Locate every line below that contains the word "VECTOR" and copy it.

[Records from a dataset]
--
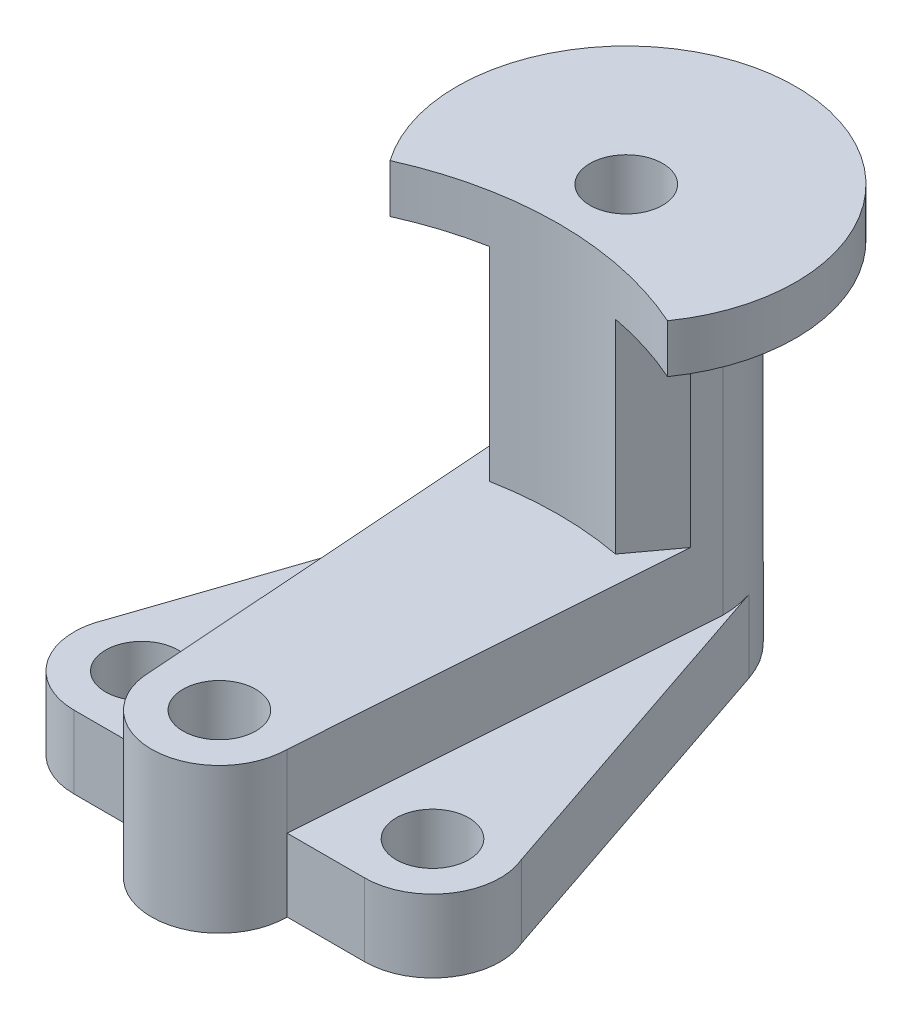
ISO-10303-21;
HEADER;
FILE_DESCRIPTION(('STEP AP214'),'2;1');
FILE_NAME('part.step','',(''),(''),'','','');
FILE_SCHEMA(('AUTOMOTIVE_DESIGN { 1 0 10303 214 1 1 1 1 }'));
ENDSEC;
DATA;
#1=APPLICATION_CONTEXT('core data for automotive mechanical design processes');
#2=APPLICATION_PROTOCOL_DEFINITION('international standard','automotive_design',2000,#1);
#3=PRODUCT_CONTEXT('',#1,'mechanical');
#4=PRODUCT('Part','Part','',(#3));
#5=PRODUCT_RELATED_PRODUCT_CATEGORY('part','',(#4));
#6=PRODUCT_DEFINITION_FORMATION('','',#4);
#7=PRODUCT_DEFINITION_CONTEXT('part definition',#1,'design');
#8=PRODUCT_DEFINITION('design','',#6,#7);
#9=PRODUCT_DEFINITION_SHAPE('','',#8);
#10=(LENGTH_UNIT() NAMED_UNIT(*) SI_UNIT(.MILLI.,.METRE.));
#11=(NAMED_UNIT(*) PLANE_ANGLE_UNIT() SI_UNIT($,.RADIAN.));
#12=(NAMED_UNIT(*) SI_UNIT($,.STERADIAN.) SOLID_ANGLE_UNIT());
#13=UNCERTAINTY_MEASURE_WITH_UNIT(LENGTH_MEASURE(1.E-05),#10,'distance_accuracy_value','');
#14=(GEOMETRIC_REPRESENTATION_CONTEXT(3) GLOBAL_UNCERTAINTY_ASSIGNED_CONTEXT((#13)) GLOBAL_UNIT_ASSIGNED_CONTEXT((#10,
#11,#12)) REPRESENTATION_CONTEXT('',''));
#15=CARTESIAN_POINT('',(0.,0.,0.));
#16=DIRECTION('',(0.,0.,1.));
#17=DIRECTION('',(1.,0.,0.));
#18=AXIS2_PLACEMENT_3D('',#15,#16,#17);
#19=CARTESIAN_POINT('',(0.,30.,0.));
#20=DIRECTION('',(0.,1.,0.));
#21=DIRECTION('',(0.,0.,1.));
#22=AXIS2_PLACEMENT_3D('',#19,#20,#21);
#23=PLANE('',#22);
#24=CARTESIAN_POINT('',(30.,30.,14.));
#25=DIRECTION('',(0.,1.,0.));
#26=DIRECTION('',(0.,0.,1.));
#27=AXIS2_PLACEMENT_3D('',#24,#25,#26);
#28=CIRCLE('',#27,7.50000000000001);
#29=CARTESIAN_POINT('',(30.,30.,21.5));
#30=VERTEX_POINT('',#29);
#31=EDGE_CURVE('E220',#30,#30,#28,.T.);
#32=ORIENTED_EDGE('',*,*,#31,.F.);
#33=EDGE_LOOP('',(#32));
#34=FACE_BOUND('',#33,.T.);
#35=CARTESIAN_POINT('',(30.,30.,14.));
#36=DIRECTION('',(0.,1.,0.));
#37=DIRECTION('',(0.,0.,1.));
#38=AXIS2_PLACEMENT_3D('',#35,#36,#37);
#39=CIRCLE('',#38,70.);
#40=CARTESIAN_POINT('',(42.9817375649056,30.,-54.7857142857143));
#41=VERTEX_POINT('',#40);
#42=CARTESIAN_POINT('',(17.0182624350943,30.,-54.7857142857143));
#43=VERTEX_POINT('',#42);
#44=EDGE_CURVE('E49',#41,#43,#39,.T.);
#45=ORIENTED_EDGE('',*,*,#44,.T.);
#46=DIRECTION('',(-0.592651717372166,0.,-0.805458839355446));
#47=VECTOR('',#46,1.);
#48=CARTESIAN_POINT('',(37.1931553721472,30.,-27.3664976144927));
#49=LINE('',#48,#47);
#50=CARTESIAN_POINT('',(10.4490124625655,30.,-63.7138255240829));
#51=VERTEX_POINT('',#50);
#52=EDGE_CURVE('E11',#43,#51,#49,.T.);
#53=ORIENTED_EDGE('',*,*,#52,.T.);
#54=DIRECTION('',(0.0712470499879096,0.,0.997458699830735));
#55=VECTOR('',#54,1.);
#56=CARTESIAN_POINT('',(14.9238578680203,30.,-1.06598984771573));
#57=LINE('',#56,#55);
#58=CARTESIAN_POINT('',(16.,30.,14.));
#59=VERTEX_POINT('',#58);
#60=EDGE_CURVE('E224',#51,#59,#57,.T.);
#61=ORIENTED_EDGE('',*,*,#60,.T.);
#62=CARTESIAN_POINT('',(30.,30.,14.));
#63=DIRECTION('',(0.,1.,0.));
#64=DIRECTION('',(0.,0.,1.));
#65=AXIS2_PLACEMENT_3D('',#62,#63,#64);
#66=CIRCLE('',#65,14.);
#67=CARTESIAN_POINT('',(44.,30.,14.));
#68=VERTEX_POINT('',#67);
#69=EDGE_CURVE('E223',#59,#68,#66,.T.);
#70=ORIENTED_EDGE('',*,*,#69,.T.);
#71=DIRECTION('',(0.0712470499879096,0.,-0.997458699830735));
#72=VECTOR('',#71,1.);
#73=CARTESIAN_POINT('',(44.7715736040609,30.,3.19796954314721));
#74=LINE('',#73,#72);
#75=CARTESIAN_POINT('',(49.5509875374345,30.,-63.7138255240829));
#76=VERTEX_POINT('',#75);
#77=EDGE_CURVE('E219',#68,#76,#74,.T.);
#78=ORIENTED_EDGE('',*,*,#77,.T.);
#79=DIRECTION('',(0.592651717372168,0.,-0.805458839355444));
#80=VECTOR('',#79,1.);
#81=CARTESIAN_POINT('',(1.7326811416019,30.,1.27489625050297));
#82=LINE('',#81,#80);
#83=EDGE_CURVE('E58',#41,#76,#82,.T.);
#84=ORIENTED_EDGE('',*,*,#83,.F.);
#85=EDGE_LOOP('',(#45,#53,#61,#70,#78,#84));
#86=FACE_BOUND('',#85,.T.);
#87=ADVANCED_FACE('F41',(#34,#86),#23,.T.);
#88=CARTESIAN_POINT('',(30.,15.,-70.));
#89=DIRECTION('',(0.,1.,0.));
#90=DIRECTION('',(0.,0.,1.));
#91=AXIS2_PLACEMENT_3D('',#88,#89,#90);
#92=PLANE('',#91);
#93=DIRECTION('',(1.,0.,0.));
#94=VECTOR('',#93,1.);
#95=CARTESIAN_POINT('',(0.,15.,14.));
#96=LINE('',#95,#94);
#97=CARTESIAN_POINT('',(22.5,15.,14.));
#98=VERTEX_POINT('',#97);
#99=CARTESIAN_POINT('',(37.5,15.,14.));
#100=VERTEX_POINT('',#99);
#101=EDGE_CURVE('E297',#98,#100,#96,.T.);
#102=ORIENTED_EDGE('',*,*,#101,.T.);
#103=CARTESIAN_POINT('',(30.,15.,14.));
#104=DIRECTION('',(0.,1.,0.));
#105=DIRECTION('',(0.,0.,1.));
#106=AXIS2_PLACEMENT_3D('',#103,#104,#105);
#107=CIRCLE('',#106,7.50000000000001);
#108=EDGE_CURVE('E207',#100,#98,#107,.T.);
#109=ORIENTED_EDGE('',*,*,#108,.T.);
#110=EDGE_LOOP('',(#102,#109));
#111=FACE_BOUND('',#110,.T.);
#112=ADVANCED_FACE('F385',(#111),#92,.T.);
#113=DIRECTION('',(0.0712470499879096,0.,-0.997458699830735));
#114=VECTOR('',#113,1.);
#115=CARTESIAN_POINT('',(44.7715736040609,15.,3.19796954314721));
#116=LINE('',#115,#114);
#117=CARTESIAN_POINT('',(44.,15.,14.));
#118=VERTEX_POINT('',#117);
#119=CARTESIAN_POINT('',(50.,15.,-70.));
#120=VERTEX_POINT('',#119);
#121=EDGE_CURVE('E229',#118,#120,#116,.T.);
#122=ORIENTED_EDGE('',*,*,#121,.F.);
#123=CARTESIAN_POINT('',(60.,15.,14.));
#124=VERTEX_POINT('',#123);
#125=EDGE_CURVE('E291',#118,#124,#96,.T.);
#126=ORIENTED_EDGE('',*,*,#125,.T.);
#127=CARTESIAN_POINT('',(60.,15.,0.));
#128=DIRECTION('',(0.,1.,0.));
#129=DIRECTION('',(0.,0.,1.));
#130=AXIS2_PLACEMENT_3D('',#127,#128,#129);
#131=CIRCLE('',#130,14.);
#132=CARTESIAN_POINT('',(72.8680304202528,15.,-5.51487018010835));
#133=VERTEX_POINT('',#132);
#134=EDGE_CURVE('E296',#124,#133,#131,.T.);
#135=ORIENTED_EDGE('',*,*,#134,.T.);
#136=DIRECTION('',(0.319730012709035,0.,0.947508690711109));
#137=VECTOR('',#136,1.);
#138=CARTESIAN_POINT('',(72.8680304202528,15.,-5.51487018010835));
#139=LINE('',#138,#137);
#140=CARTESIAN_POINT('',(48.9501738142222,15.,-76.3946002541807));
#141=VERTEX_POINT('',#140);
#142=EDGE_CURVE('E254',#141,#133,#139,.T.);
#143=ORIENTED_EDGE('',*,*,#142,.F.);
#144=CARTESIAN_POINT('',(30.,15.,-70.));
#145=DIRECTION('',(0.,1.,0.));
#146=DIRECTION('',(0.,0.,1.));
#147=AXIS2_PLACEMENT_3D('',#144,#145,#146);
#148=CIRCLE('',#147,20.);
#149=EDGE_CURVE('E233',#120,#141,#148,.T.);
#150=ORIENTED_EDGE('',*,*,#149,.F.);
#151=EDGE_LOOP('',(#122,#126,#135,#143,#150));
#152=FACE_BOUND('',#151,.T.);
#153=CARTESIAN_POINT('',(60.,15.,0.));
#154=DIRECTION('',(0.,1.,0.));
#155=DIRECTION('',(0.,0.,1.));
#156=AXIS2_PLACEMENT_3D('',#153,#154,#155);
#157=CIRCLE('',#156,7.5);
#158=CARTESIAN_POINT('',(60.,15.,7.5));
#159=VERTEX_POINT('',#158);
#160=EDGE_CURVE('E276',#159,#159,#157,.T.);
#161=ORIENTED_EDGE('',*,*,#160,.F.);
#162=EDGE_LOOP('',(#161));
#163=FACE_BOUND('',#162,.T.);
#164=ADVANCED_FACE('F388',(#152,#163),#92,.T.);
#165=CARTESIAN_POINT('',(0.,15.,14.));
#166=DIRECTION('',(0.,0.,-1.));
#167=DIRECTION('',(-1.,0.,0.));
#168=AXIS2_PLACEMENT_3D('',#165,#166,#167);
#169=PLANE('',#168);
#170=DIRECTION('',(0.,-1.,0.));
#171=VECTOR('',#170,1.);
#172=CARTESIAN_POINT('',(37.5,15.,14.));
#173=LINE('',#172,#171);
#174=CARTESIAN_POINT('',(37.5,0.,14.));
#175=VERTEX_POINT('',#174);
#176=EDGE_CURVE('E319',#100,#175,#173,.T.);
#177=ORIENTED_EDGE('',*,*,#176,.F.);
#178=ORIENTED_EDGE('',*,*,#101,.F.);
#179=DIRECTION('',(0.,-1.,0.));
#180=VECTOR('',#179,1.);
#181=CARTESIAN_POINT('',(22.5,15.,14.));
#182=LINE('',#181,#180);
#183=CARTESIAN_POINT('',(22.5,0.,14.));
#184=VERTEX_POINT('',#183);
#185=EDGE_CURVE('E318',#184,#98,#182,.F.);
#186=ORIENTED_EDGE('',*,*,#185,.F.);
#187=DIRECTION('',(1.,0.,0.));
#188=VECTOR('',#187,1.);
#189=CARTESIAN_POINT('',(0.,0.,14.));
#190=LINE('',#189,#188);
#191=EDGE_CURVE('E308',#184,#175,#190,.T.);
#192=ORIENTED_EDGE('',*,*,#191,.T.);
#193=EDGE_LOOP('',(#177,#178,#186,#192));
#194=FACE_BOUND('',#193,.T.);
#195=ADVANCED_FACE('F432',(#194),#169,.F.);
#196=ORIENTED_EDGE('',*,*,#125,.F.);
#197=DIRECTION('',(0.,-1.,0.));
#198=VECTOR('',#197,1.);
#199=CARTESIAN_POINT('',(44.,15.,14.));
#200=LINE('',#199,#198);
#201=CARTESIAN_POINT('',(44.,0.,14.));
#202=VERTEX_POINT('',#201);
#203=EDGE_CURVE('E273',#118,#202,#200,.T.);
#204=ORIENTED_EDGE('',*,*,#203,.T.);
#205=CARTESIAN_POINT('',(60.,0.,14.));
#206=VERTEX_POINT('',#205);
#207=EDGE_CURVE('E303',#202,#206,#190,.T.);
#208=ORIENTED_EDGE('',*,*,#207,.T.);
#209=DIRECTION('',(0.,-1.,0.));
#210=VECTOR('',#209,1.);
--
ANSWER SPACE:
#47=VECTOR('',#46,1.);
#55=VECTOR('',#54,1.);
#72=VECTOR('',#71,1.);
#80=VECTOR('',#79,1.);
#94=VECTOR('',#93,1.);
#114=VECTOR('',#113,1.);
#137=VECTOR('',#136,1.);
#171=VECTOR('',#170,1.);
#180=VECTOR('',#179,1.);
#188=VECTOR('',#187,1.);
#198=VECTOR('',#197,1.);
#210=VECTOR('',#209,1.);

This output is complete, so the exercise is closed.